Assignment —
Identify all lines in the data containing the string "spatial". Copy them out.

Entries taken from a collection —
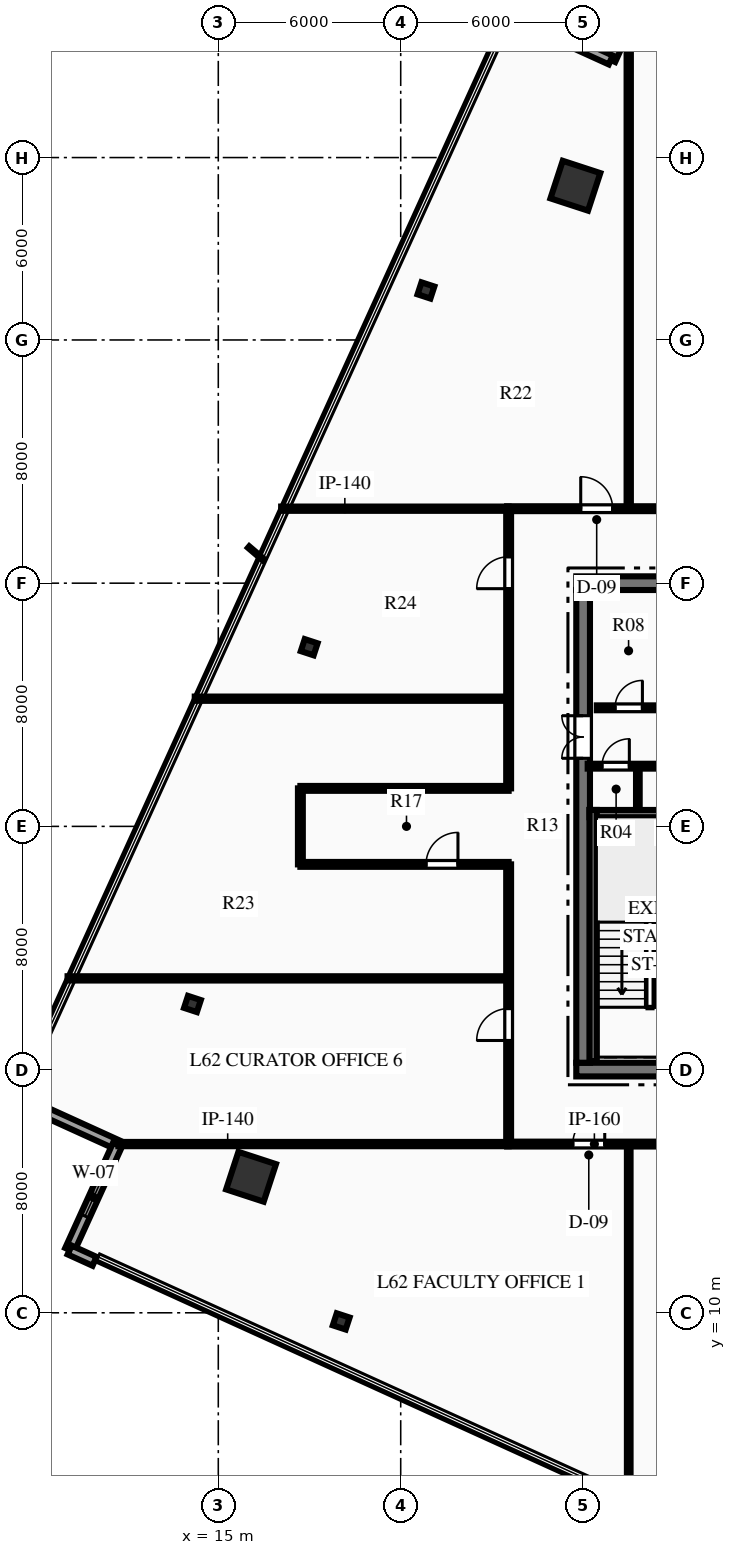
"""IFC4 building model, lengths in metres.
Left out: names, types, materials, properties, quantities, classifications, styles, units other than length and angle.
Written with IfcOpenShell. Run it as: python <this file> out.ifc"""

import sys

from ifc_helpers import new_model, si_unit, direction, frame, frame_2d, origin, origin_2d, place, context, subcontext, project, spatial, rectangle, hollow_rectangle, i_section, extrude, element, fill, save


model = new_model("IFC4")
c1 = context("Model", 3, precision=1e-05, world=origin(), true_north=direction((0.0, 1.0)))
c2 = subcontext(c1, "Body", "Model", "MODEL_VIEW")
j1 = project(units=[si_unit("LENGTHUNIT", "METRE"), si_unit("PLANEANGLEUNIT", "RADIAN")], contexts=[c1])
p1 = place(None, origin())
s1 = spatial("IfcSite", under=j1, at=p1, CompositionType="ELEMENT")
p2 = place(p1, origin())
s2 = spatial("IfcBuilding", under=s1, at=p2, CompositionType="ELEMENT")
p3 = place(p2, frame((0.0, 0.0, 248.7)))
s3 = spatial("IfcBuildingStorey", under=s2, at=p3, CompositionType="ELEMENT", Elevation=248.7)
p4 = place(p3, frame((26.775, 18.0, 0.0), z_axis=(0.0, 0.0, 1.0), x_axis=(1.0, 0.0, 0.0)))
e1 = element("IfcWall", 1, at=p4, inside=s3, PredefinedType="SHEAR", context=c2, shape_type="SweptSolid", body=[
    extrude(rectangle(XDim=18.45, YDim=0.45, at=frame_2d((9.225, 0.0))), origin(), (0.0, 0.0, 1.0), 3.75),
])
p5 = place(p4, frame((7.325, 0.0, 0.0)))
e2 = element("IfcOpeningElement", 2, at=p5, cuts=e1, PredefinedType="OPENING", context=c2, shape_type="SweptSolid", body=[
    extrude(rectangle(XDim=1.1, YDim=2.15, at=frame_2d((0.55, 1.075))), frame((0.0, 0.235, 0.0), z_axis=(0.0, -1.0, 0.0), x_axis=(1.0, 0.0, 0.0)), (0.0, 0.0, 1.0), 0.47),
])
p6 = place(p4, frame((10.025, 0.0, 0.0)))
e3 = element("IfcOpeningElement", 3, at=p6, cuts=e1, PredefinedType="OPENING", context=c2, shape_type="SweptSolid", body=[
    extrude(rectangle(XDim=1.1, YDim=2.15, at=frame_2d((0.55, 1.075))), frame((0.0, 0.235, 0.0), z_axis=(0.0, -1.0, 0.0), x_axis=(1.0, 0.0, 0.0)), (0.0, 0.0, 1.0), 0.47),
])
p7 = place(p3, frame((26.775, 34.0, 0.0), z_axis=(0.0, 0.0, 1.0), x_axis=(1.0, 0.0, 0.0)))
e4 = element("IfcWall", 4, at=p7, inside=s3, PredefinedType="SHEAR", context=c2, shape_type="SweptSolid", body=[
    extrude(rectangle(XDim=18.45, YDim=0.45, at=frame_2d((9.225, 0.0))), origin(), (0.0, 0.0, 1.0), 3.75),
])
p8 = place(p3, frame((27.0, 18.225, 0.0), z_axis=(0.0, 0.0, 1.0), x_axis=(0.0, 1.0, 0.0)))
e5 = element("IfcWall", 5, at=p8, inside=s3, PredefinedType="SHEAR", context=c2, shape_type="SweptSolid", body=[
    extrude(rectangle(XDim=15.55, YDim=0.45, at=frame_2d((7.775, 0.0))), origin(), (0.0, 0.0, 1.0), 3.75),
])
p9 = place(p8, frame((10.015, 0.0, 0.0)))
e6 = element("IfcOpeningElement", 6, at=p9, cuts=e5, PredefinedType="OPENING", context=c2, shape_type="SweptSolid", body=[
    extrude(rectangle(XDim=1.4, YDim=2.2, at=frame_2d((0.7, 1.1))), frame((0.0, 0.235, 0.0), z_axis=(0.0, -1.0, 0.0), x_axis=(1.0, 0.0, 0.0)), (0.0, 0.0, 1.0), 0.47),
])
p10 = place(p3, frame((27.21, 26.42, 0.0), z_axis=(0.0, 0.0, 1.0), x_axis=(1.0, 0.0, 0.0)))
e7 = element("IfcWall", 7, at=p10, inside=s3, PredefinedType="SHEAR", context=c2, shape_type="SweptSolid", body=[
    extrude(rectangle(XDim=3.98, YDim=0.24, at=frame_2d((1.99, 0.0))), origin(), (0.0, 0.0, 1.0), 3.75),
])
p11 = place(p3, frame((27.33, 18.28, 0.0), z_axis=(0.0, 0.0, 1.0), x_axis=(0.0, 1.0, 0.0)))
e8 = element("IfcWall", 8, at=p11, inside=s3, PredefinedType="SHEAR", context=c2, shape_type="SweptSolid", body=[
    extrude(rectangle(XDim=8.26, YDim=0.24, at=frame_2d((4.13, 0.0))), origin(), (0.0, 0.0, 1.0), 3.75),
])
for number, where, z_axis, x_axis in (
    (9, (26.745, 47.073, 0.0), (0.0, 0.0, 1.0), (0.311, 0.95, 0.0)),
    (10, (16.077, 14.475, 0.0), (0.0, 0.0, 1.0), (0.311, 0.95, 0.0)),
):
    element("IfcColumn", number, at=place(p3, frame(where, z_axis=z_axis, x_axis=x_axis)), inside=s3, PredefinedType="COLUMN", context=c2, shape_type="SweptSolid", body=[
        extrude(hollow_rectangle(XDim=1.3, YDim=1.3, WallThickness=0.06, at=origin_2d()), origin(), (0.0, 0.0, 1.0), 3.75),
    ])
for number, where, z_axis, x_axis in (
    (11, (21.83, 43.629, 0.0), (0.0, 0.0, 1.0), (0.311, 0.95, 0.0)),
    (12, (17.99, 31.894, 0.0), (0.0, 0.0, 1.0), (0.311, 0.95, 0.0)),
    (13, (14.149, 20.158, 0.0), (0.0, 0.0, 1.0), (0.311, 0.95, 0.0)),
    (14, (19.043, 9.716, 0.0), (0.0, 0.0, 1.0), (0.311, 0.95, 0.0)),
):
    element("IfcColumn", number, at=place(p3, frame(where, z_axis=z_axis, x_axis=x_axis)), inside=s3, PredefinedType="COLUMN", context=c2, shape_type="SweptSolid", body=[
        extrude(i_section(OverallWidth=0.416, OverallDepth=0.445, WebThickness=0.039, FlangeThickness=0.063, at=origin_2d()), origin(), (0.0, 0.0, 1.0), 3.75),
    ])
p12 = place(p3, frame((27.909, 51.21, 0.0), z_axis=(0.0, 0.0, 1.0), x_axis=(0.413885232781, 0.910329069121, 0.0)))
e15 = element("IfcWall", 15, at=p12, inside=s3, PredefinedType="STANDARD", context=c2, shape_type="SweptSolid", body=[
    extrude(rectangle(XDim=3.8, YDim=0.32, at=frame_2d((1.9, 0.0))), origin(), (0.0, 0.0, 1.0), 3.48),
])
p13 = place(p3, frame((24.449, 52.782, 0.0), z_axis=(0.0, 0.0, 1.0), x_axis=(0.910329069121, -0.413885232781, 0.0)))
e16 = element("IfcWall", 16, at=p13, inside=s3, PredefinedType="STANDARD", context=c2, shape_type="SweptSolid", body=[
    extrude(rectangle(XDim=3.8, YDim=0.32, at=frame_2d((1.9, 0.0))), origin(), (0.0, 0.0, 1.0), 3.48),
])
p14 = place(p13, frame((1.225, 0.0, 0.85)))
e17 = element("IfcOpeningElement", 17, at=p14, cuts=e16, PredefinedType="OPENING", context=c2, shape_type="SweptSolid", body=[
    extrude(rectangle(XDim=1.35, YDim=1.95, at=frame_2d((0.675, 0.975))), frame((0.0, 0.17, 0.0), z_axis=(0.0, -1.0, 0.0), x_axis=(1.0, 0.0, 0.0)), (0.0, 0.0, 1.0), 0.34),
])
p15 = place(p3, frame((11.684, 15.525, 0.0), z_axis=(0.0, 0.0, 1.0), x_axis=(-0.910329069121, 0.413885232781, 0.0)))
e18 = element("IfcWall", 18, at=p15, inside=s3, PredefinedType="STANDARD", context=c2, shape_type="SweptSolid", body=[
    extrude(rectangle(XDim=3.8, YDim=0.32, at=frame_2d((1.9, 0.0))), origin(), (0.0, 0.0, 1.0), 3.48),
])
p16 = place(p3, frame((10.111, 12.066, 0.0), z_axis=(0.0, 0.0, 1.0), x_axis=(0.413885232781, 0.910329069121, 0.0)))
e19 = element("IfcWall", 19, at=p16, inside=s3, PredefinedType="STANDARD", context=c2, shape_type="SweptSolid", body=[
    extrude(rectangle(XDim=3.8, YDim=0.32, at=frame_2d((1.9, 0.0))), origin(), (0.0, 0.0, 1.0), 3.48),
])
p17 = place(p16, frame((1.225, 0.0, 0.85)))
e20 = element("IfcOpeningElement", 20, at=p17, cuts=e19, PredefinedType="OPENING", context=c2, shape_type="SweptSolid", body=[
    extrude(rectangle(XDim=1.35, YDim=1.95, at=frame_2d((0.675, 0.975))), frame((0.0, 0.17, 0.0), z_axis=(0.0, -1.0, 0.0), x_axis=(1.0, 0.0, 0.0)), (0.0, 0.0, 1.0), 0.34),
])
p18 = place(p3, frame((10.93, 11.693, 0.0), z_axis=(0.0, 0.0, 1.0), x_axis=(-0.910310733165, 0.413925559836, 0.0)))
e21 = element("IfcWall", 21, at=p18, inside=s3, PredefinedType="STANDARD", context=c2, shape_type="SweptSolid", body=[
    extrude(rectangle(XDim=0.9, YDim=0.32, at=frame_2d((0.45, 0.0))), origin(), (0.0, 0.0, 1.0), 3.48),
])
p19 = place(p3, frame((27.15, 27.98, 0.0), z_axis=(0.0, 0.0, 1.0), x_axis=(1.0, 0.0, 0.0)))
e22 = element("IfcWall", 22, at=p19, inside=s3, PredefinedType="PARTITIONING", context=c2, shape_type="SweptSolid", body=[
    extrude(rectangle(XDim=4.05, YDim=0.16, at=frame_2d((2.025, 0.0))), origin(), (0.0, 0.0, 1.0), 3.48),
])
p20 = place(p19, frame((0.47, 0.0, 0.0)))
e23 = element("IfcOpeningElement", 23, at=p20, cuts=e22, PredefinedType="OPENING", context=c2, shape_type="SweptSolid", body=[
    extrude(rectangle(XDim=0.9, YDim=2.15, at=frame_2d((0.45, 1.075))), frame((0.0, 0.09, 0.0), z_axis=(0.0, -1.0, 0.0), x_axis=(1.0, 0.0, 0.0)), (0.0, 0.0, 1.0), 0.18),
])
p21 = place(p19, frame((2.36, 0.0, 0.0)))
e24 = element("IfcOpeningElement", 24, at=p21, cuts=e22, PredefinedType="OPENING", context=c2, shape_type="SweptSolid", body=[
    extrude(rectangle(XDim=0.9, YDim=2.15, at=frame_2d((0.45, 1.075))), frame((0.0, 0.09, 0.0), z_axis=(0.0, -1.0, 0.0), x_axis=(1.0, 0.0, 0.0)), (0.0, 0.0, 1.0), 0.18),
])
p22 = place(p3, frame((28.8, 26.54, 0.0), z_axis=(0.0, 0.0, 1.0), x_axis=(0.0, 1.0, 0.0)))
e25 = element("IfcWall", 25, at=p22, inside=s3, PredefinedType="PARTITIONING", context=c2, shape_type="SweptSolid", body=[
    extrude(rectangle(XDim=1.44, YDim=0.12, at=frame_2d((0.72, 0.0))), origin(), (0.0, 0.0, 1.0), 3.48),
])
p23 = place(p3, frame((27.45, 29.9, 0.0), z_axis=(0.0, 0.0, 1.0), x_axis=(1.0, 0.0, 0.0)))
e26 = element("IfcWall", 26, at=p23, inside=s3, PredefinedType="PARTITIONING", context=c2, shape_type="SweptSolid", body=[
    extrude(rectangle(XDim=4.43, YDim=0.16, at=frame_2d((2.215, 0.0))), origin(), (0.0, 0.0, 1.0), 3.48),
])
p24 = place(p23, frame((0.6, 0.0, 0.0)))
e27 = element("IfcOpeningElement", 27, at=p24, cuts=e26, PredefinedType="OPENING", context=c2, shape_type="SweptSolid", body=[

Task solution —
from ifc_helpers import new_model, si_unit, direction, frame, frame_2d, origin, origin_2d, place, context, subcontext, project, spatial, rectangle, hollow_rectangle, i_section, extrude, element, fill, save
s1 = spatial("IfcSite", under=j1, at=p1, CompositionType="ELEMENT")
s2 = spatial("IfcBuilding", under=s1, at=p2, CompositionType="ELEMENT")
s3 = spatial("IfcBuildingStorey", under=s2, at=p3, CompositionType="ELEMENT", Elevation=248.7)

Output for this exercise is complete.